What needs to be done
Your task is to return all the entries below exactly, with every picture omitted.

Dataset records
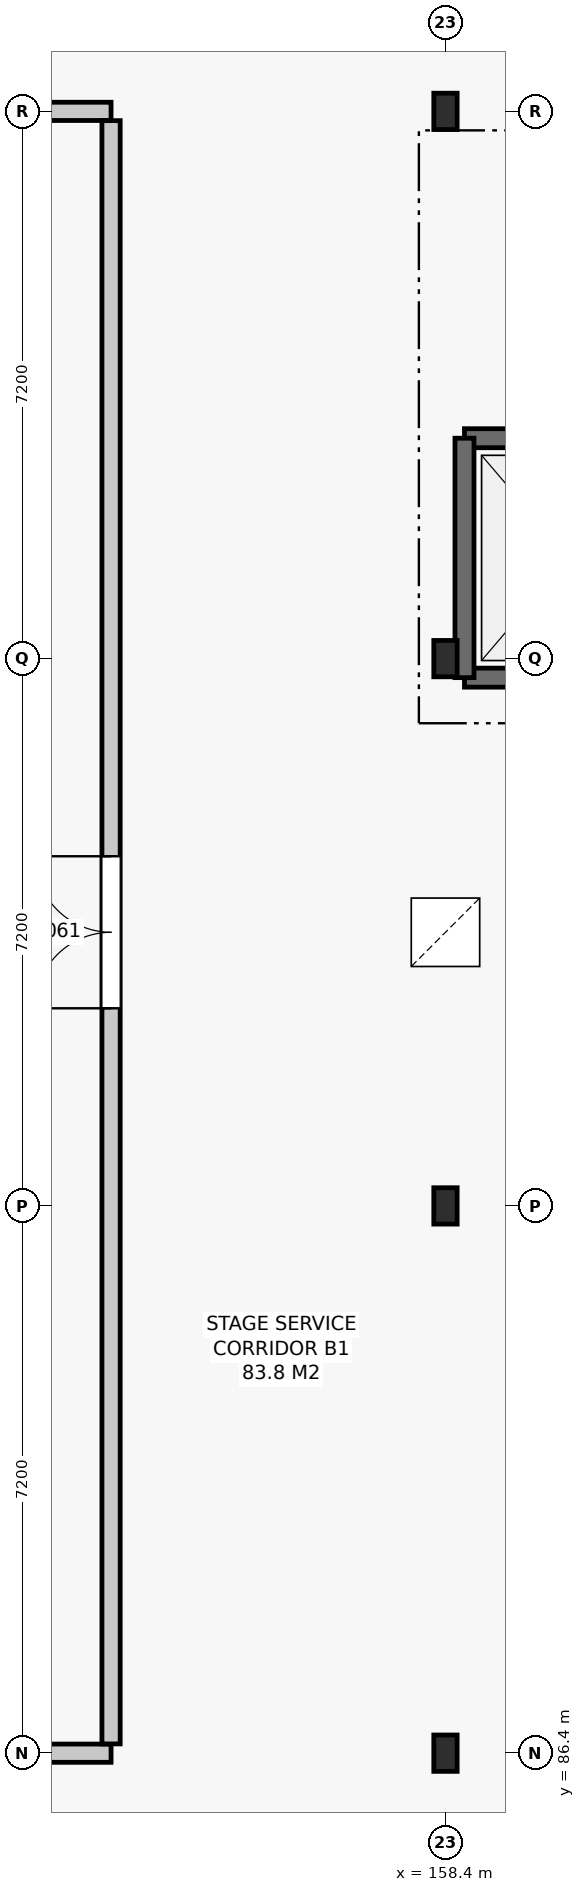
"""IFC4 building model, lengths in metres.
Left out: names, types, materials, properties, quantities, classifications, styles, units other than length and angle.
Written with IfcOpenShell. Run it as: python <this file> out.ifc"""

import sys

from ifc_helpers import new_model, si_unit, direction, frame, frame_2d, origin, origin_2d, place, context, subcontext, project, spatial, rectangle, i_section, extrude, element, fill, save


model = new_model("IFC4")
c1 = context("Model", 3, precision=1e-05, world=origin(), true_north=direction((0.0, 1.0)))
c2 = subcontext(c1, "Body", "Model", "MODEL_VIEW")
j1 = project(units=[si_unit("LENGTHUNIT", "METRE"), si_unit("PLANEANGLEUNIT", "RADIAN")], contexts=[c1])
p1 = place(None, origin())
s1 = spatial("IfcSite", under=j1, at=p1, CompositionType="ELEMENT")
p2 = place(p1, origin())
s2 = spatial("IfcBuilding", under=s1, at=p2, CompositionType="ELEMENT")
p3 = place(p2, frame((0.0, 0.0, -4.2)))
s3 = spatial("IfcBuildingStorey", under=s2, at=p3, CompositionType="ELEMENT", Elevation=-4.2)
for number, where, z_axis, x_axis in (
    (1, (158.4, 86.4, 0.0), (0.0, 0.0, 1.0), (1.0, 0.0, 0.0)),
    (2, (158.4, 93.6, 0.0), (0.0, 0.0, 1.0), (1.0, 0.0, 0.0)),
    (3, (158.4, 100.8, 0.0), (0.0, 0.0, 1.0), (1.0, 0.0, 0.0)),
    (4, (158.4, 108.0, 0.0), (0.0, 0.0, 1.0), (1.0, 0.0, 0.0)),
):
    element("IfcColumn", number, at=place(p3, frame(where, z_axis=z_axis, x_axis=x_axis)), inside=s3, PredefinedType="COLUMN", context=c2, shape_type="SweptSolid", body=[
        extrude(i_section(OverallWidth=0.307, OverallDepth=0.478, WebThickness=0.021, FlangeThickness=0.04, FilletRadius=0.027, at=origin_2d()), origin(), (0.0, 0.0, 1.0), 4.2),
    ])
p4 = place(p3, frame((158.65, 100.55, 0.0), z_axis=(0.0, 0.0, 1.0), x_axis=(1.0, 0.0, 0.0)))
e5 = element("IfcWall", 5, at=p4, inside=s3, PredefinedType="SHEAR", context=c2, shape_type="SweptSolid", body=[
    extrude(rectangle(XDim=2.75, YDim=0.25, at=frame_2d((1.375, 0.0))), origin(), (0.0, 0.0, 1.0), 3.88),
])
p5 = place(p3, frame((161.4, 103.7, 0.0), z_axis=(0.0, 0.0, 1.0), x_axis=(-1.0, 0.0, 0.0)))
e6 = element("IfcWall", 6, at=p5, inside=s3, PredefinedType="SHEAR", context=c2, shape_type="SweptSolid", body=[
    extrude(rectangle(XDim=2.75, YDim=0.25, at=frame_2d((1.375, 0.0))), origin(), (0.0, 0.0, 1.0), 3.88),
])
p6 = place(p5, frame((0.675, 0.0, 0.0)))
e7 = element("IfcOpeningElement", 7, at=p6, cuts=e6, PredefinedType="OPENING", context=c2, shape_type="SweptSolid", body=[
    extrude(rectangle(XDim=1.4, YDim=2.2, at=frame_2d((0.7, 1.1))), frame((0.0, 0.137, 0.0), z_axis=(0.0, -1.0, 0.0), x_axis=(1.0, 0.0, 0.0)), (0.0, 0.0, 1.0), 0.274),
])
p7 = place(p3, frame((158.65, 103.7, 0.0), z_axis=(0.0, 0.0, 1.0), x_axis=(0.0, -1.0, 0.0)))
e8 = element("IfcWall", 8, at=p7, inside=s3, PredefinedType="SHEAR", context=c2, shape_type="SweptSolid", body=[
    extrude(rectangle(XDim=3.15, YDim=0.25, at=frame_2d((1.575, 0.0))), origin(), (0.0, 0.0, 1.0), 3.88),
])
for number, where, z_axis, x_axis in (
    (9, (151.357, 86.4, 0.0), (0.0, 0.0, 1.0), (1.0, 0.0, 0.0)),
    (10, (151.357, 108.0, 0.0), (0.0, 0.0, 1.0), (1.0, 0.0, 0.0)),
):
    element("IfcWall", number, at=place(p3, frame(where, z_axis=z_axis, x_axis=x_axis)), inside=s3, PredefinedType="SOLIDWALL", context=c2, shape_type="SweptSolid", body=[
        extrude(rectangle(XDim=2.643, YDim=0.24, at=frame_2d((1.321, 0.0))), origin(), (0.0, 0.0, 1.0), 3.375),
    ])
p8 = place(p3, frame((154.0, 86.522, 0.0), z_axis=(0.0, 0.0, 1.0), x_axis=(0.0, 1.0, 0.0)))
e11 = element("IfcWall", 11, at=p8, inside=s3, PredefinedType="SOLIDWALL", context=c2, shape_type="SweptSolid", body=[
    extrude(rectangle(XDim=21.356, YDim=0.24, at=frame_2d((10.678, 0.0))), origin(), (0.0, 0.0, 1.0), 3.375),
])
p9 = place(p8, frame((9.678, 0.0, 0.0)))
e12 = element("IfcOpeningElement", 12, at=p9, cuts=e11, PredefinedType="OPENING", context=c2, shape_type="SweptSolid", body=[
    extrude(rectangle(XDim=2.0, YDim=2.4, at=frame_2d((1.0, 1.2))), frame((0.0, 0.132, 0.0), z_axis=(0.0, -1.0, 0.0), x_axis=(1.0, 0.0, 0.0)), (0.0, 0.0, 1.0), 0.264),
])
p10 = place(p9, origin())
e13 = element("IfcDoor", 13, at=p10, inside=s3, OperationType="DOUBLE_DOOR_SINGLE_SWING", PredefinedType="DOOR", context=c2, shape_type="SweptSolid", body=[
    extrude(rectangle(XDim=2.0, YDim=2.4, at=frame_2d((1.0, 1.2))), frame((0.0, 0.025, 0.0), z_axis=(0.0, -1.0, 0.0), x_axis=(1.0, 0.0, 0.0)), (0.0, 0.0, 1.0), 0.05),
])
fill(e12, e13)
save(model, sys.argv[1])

Exercise result
"""IFC4 building model, lengths in metres.
Left out: names, types, materials, properties, quantities, classifications, styles, units other than length and angle.
Written with IfcOpenShell. Run it as: python <this file> out.ifc"""

import sys

from ifc_helpers import new_model, si_unit, direction, frame, frame_2d, origin, origin_2d, place, context, subcontext, project, spatial, rectangle, i_section, extrude, element, fill, save


model = new_model("IFC4")
c1 = context("Model", 3, precision=1e-05, world=origin(), true_north=direction((0.0, 1.0)))
c2 = subcontext(c1, "Body", "Model", "MODEL_VIEW")
j1 = project(units=[si_unit("LENGTHUNIT", "METRE"), si_unit("PLANEANGLEUNIT", "RADIAN")], contexts=[c1])
p1 = place(None, origin())
s1 = spatial("IfcSite", under=j1, at=p1, CompositionType="ELEMENT")
p2 = place(p1, origin())
s2 = spatial("IfcBuilding", under=s1, at=p2, CompositionType="ELEMENT")
p3 = place(p2, frame((0.0, 0.0, -4.2)))
s3 = spatial("IfcBuildingStorey", under=s2, at=p3, CompositionType="ELEMENT", Elevation=-4.2)
for number, where, z_axis, x_axis in (
    (1, (158.4, 86.4, 0.0), (0.0, 0.0, 1.0), (1.0, 0.0, 0.0)),
    (2, (158.4, 93.6, 0.0), (0.0, 0.0, 1.0), (1.0, 0.0, 0.0)),
    (3, (158.4, 100.8, 0.0), (0.0, 0.0, 1.0), (1.0, 0.0, 0.0)),
    (4, (158.4, 108.0, 0.0), (0.0, 0.0, 1.0), (1.0, 0.0, 0.0)),
):
    element("IfcColumn", number, at=place(p3, frame(where, z_axis=z_axis, x_axis=x_axis)), inside=s3, PredefinedType="COLUMN", context=c2, shape_type="SweptSolid", body=[
        extrude(i_section(OverallWidth=0.307, OverallDepth=0.478, WebThickness=0.021, FlangeThickness=0.04, FilletRadius=0.027, at=origin_2d()), origin(), (0.0, 0.0, 1.0), 4.2),
    ])
p4 = place(p3, frame((158.65, 100.55, 0.0), z_axis=(0.0, 0.0, 1.0), x_axis=(1.0, 0.0, 0.0)))
e5 = element("IfcWall", 5, at=p4, inside=s3, PredefinedType="SHEAR", context=c2, shape_type="SweptSolid", body=[
    extrude(rectangle(XDim=2.75, YDim=0.25, at=frame_2d((1.375, 0.0))), origin(), (0.0, 0.0, 1.0), 3.88),
])
p5 = place(p3, frame((161.4, 103.7, 0.0), z_axis=(0.0, 0.0, 1.0), x_axis=(-1.0, 0.0, 0.0)))
e6 = element("IfcWall", 6, at=p5, inside=s3, PredefinedType="SHEAR", context=c2, shape_type="SweptSolid", body=[
    extrude(rectangle(XDim=2.75, YDim=0.25, at=frame_2d((1.375, 0.0))), origin(), (0.0, 0.0, 1.0), 3.88),
])
p6 = place(p5, frame((0.675, 0.0, 0.0)))
e7 = element("IfcOpeningElement", 7, at=p6, cuts=e6, PredefinedType="OPENING", context=c2, shape_type="SweptSolid", body=[
    extrude(rectangle(XDim=1.4, YDim=2.2, at=frame_2d((0.7, 1.1))), frame((0.0, 0.137, 0.0), z_axis=(0.0, -1.0, 0.0), x_axis=(1.0, 0.0, 0.0)), (0.0, 0.0, 1.0), 0.274),
])
p7 = place(p3, frame((158.65, 103.7, 0.0), z_axis=(0.0, 0.0, 1.0), x_axis=(0.0, -1.0, 0.0)))
e8 = element("IfcWall", 8, at=p7, inside=s3, PredefinedType="SHEAR", context=c2, shape_type="SweptSolid", body=[
    extrude(rectangle(XDim=3.15, YDim=0.25, at=frame_2d((1.575, 0.0))), origin(), (0.0, 0.0, 1.0), 3.88),
])
for number, where, z_axis, x_axis in (
    (9, (151.357, 86.4, 0.0), (0.0, 0.0, 1.0), (1.0, 0.0, 0.0)),
    (10, (151.357, 108.0, 0.0), (0.0, 0.0, 1.0), (1.0, 0.0, 0.0)),
):
    element("IfcWall", number, at=place(p3, frame(where, z_axis=z_axis, x_axis=x_axis)), inside=s3, PredefinedType="SOLIDWALL", context=c2, shape_type="SweptSolid", body=[
        extrude(rectangle(XDim=2.643, YDim=0.24, at=frame_2d((1.321, 0.0))), origin(), (0.0, 0.0, 1.0), 3.375),
    ])
p8 = place(p3, frame((154.0, 86.522, 0.0), z_axis=(0.0, 0.0, 1.0), x_axis=(0.0, 1.0, 0.0)))
e11 = element("IfcWall", 11, at=p8, inside=s3, PredefinedType="SOLIDWALL", context=c2, shape_type="SweptSolid", body=[
    extrude(rectangle(XDim=21.356, YDim=0.24, at=frame_2d((10.678, 0.0))), origin(), (0.0, 0.0, 1.0), 3.375),
])
p9 = place(p8, frame((9.678, 0.0, 0.0)))
e12 = element("IfcOpeningElement", 12, at=p9, cuts=e11, PredefinedType="OPENING", context=c2, shape_type="SweptSolid", body=[
    extrude(rectangle(XDim=2.0, YDim=2.4, at=frame_2d((1.0, 1.2))), frame((0.0, 0.132, 0.0), z_axis=(0.0, -1.0, 0.0), x_axis=(1.0, 0.0, 0.0)), (0.0, 0.0, 1.0), 0.264),
])
p10 = place(p9, origin())
e13 = element("IfcDoor", 13, at=p10, inside=s3, OperationType="DOUBLE_DOOR_SINGLE_SWING", PredefinedType="DOOR", context=c2, shape_type="SweptSolid", body=[
    extrude(rectangle(XDim=2.0, YDim=2.4, at=frame_2d((1.0, 1.2))), frame((0.0, 0.025, 0.0), z_axis=(0.0, -1.0, 0.0), x_axis=(1.0, 0.0, 0.0)), (0.0, 0.0, 1.0), 0.05),
])
fill(e12, e13)
save(model, sys.argv[1])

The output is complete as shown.